_Your objective_.
Copy out again, unchanged, the listing below from the line that has "p12 = place(p11, frame((8.345, 0.0, 0.0)))" through the line that has "p13 = place(p11, frame((10.065, 0.0, 0.0)))".

_Task data_.
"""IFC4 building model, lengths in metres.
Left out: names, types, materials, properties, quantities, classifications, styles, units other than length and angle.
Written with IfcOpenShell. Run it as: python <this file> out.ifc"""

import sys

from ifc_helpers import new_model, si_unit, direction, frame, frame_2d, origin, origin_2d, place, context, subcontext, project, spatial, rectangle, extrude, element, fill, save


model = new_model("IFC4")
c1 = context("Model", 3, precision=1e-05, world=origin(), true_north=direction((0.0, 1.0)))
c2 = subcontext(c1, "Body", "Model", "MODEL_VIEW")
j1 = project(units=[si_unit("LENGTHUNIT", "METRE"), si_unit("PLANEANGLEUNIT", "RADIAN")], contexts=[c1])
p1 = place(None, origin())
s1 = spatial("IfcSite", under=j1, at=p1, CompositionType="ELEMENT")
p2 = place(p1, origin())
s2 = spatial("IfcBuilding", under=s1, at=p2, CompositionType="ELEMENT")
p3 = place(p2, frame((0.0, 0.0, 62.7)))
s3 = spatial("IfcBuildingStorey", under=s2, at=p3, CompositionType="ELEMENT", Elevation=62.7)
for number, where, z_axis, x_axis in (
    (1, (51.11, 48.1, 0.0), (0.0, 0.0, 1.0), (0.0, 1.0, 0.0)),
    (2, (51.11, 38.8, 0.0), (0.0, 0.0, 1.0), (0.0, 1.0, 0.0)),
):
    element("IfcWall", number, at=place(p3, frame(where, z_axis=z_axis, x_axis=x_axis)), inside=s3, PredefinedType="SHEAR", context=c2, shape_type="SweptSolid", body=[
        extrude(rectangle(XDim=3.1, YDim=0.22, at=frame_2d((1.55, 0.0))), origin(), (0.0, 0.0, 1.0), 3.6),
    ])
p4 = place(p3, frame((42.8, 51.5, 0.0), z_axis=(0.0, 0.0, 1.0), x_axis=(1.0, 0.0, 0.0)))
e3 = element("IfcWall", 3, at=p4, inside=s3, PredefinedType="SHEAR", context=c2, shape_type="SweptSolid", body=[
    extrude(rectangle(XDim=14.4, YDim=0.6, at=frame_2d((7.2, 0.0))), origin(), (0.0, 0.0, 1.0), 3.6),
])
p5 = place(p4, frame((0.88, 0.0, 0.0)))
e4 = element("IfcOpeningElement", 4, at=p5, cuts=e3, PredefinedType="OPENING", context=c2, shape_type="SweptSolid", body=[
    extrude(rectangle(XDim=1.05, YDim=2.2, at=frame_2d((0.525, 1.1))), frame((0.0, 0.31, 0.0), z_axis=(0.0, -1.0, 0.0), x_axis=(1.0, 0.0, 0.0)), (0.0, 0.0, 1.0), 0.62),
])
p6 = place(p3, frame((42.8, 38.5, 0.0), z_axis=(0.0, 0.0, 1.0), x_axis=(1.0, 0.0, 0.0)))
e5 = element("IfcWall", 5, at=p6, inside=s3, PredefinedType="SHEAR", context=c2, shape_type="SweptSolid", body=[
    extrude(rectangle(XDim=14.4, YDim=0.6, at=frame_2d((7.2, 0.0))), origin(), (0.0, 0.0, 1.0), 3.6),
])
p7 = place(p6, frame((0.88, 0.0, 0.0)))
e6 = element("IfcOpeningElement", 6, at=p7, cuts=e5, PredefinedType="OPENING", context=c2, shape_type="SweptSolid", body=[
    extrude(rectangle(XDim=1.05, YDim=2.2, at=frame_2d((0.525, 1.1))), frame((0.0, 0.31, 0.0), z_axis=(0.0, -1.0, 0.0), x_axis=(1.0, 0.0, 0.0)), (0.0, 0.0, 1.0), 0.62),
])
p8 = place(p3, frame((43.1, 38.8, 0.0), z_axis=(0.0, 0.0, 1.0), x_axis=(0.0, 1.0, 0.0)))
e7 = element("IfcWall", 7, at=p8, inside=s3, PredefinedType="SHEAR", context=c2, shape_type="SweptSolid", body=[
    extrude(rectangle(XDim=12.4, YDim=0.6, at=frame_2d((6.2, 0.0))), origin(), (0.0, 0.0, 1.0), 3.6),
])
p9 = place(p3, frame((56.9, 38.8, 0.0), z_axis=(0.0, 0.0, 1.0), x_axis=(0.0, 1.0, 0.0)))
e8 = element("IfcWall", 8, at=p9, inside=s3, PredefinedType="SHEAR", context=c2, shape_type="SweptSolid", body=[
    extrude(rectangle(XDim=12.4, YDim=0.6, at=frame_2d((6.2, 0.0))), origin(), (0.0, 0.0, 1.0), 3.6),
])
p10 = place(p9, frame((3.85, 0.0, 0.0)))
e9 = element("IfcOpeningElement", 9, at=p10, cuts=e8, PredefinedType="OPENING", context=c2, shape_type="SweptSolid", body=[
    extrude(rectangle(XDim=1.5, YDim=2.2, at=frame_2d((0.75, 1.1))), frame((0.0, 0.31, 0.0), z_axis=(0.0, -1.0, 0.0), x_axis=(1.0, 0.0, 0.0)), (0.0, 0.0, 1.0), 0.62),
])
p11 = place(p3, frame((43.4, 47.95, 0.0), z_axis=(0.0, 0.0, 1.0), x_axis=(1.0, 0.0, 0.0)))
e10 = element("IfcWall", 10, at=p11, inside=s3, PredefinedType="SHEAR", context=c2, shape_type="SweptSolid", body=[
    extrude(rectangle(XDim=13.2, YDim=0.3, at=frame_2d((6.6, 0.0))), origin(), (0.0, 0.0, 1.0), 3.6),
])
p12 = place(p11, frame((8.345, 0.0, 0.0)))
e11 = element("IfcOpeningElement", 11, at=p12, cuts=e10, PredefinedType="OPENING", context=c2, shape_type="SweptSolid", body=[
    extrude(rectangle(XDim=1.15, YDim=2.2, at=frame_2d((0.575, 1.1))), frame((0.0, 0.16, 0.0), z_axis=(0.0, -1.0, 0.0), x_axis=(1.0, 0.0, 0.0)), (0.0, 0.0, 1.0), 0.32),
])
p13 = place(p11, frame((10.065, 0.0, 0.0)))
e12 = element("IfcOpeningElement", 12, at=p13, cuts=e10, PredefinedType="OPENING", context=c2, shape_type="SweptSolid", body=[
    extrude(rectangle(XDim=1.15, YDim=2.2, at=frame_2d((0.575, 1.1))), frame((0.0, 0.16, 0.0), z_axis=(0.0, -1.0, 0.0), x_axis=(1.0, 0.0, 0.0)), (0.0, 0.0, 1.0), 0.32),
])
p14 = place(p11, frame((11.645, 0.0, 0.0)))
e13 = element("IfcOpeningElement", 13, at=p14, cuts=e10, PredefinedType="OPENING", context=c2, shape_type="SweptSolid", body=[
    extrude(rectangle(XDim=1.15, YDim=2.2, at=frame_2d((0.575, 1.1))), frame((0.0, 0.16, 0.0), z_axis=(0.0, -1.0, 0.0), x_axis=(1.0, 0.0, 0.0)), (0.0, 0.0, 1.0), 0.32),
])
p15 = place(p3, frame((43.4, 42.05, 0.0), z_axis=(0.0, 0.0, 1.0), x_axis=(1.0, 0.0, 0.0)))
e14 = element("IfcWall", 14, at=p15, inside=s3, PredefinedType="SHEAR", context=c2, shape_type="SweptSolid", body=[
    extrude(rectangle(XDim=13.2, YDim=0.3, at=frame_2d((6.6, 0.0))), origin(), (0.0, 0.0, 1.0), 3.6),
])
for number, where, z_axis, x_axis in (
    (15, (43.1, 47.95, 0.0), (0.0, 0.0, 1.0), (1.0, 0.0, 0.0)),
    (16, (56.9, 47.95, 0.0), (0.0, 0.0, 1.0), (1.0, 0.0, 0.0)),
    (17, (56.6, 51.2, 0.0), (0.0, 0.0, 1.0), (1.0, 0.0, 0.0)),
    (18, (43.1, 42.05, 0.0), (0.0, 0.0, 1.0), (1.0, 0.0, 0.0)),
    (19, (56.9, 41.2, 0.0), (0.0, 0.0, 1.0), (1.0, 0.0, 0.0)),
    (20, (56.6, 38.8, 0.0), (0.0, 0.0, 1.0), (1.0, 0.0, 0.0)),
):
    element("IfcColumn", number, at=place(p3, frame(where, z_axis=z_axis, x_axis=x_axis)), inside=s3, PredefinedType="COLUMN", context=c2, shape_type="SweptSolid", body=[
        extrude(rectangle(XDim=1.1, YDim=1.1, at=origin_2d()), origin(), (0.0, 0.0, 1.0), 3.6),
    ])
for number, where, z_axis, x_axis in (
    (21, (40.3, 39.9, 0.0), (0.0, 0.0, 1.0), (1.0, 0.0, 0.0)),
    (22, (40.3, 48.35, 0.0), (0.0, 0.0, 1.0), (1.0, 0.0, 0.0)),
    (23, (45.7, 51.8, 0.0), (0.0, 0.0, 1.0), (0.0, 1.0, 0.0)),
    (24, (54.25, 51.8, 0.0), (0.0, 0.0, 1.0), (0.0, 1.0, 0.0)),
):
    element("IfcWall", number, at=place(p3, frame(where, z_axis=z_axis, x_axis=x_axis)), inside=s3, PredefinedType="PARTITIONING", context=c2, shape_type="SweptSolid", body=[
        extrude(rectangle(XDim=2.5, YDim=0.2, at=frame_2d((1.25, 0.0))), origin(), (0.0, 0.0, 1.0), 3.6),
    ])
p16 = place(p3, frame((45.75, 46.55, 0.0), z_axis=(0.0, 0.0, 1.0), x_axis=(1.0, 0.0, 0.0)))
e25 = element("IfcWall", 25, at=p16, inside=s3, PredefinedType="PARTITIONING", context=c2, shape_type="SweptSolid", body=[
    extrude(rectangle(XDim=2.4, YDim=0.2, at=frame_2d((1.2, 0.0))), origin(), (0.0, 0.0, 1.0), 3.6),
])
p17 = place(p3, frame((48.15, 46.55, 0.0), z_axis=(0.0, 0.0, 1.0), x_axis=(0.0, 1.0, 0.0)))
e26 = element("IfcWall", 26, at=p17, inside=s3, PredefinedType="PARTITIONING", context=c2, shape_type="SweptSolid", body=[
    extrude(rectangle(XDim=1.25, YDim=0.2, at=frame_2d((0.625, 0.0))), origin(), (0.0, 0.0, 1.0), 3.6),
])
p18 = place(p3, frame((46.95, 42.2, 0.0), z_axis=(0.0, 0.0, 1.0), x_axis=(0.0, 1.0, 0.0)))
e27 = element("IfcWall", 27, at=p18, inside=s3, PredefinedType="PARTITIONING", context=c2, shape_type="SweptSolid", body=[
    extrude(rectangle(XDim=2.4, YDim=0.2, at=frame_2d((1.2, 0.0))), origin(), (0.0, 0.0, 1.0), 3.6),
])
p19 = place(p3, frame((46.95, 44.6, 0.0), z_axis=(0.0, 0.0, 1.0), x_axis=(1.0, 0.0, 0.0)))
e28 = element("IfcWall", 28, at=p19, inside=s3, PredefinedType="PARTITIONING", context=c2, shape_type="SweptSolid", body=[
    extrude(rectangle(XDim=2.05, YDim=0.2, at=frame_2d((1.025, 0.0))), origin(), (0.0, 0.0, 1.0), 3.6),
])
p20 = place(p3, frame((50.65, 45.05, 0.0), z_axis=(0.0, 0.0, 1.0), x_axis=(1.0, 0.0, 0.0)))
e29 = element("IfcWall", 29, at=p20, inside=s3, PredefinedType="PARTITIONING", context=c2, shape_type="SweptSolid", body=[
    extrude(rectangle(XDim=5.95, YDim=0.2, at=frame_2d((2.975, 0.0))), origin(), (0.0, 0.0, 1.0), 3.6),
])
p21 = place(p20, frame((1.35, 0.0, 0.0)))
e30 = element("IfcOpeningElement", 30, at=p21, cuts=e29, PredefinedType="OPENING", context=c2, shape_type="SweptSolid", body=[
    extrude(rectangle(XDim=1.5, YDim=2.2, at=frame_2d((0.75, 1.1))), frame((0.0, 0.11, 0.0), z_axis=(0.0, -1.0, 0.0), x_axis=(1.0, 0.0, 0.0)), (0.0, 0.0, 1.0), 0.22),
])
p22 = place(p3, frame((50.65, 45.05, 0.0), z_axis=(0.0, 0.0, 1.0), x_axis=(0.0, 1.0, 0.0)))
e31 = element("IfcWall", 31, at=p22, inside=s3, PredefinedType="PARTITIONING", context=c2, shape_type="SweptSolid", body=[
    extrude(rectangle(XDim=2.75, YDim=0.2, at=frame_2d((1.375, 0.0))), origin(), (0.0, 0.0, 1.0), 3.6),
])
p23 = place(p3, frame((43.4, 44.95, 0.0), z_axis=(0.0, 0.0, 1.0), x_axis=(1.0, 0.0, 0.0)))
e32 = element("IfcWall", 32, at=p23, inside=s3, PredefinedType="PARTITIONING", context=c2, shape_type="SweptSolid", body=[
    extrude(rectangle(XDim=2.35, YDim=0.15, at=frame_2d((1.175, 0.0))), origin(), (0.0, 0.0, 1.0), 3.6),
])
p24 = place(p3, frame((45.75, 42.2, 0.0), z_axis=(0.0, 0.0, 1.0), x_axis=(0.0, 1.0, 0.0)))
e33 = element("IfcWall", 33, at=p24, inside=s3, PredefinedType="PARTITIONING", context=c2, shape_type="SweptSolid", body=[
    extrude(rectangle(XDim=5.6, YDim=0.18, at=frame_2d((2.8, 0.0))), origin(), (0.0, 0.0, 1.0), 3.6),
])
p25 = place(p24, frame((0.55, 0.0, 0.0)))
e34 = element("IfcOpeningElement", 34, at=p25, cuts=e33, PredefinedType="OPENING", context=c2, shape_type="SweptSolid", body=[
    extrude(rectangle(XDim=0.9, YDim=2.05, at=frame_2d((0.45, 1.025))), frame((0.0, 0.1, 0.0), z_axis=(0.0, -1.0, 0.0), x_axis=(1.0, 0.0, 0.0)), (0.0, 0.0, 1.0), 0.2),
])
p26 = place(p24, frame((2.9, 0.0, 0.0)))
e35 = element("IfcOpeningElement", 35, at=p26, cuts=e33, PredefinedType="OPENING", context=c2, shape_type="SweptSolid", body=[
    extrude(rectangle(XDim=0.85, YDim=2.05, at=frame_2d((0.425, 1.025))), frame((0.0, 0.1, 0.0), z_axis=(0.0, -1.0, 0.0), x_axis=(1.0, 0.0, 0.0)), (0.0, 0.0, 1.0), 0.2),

_Problem solution_.
p12 = place(p11, frame((8.345, 0.0, 0.0)))
e11 = element("IfcOpeningElement", 11, at=p12, cuts=e10, PredefinedType="OPENING", context=c2, shape_type="SweptSolid", body=[
    extrude(rectangle(XDim=1.15, YDim=2.2, at=frame_2d((0.575, 1.1))), frame((0.0, 0.16, 0.0), z_axis=(0.0, -1.0, 0.0), x_axis=(1.0, 0.0, 0.0)), (0.0, 0.0, 1.0), 0.32),
])
p13 = place(p11, frame((10.065, 0.0, 0.0)))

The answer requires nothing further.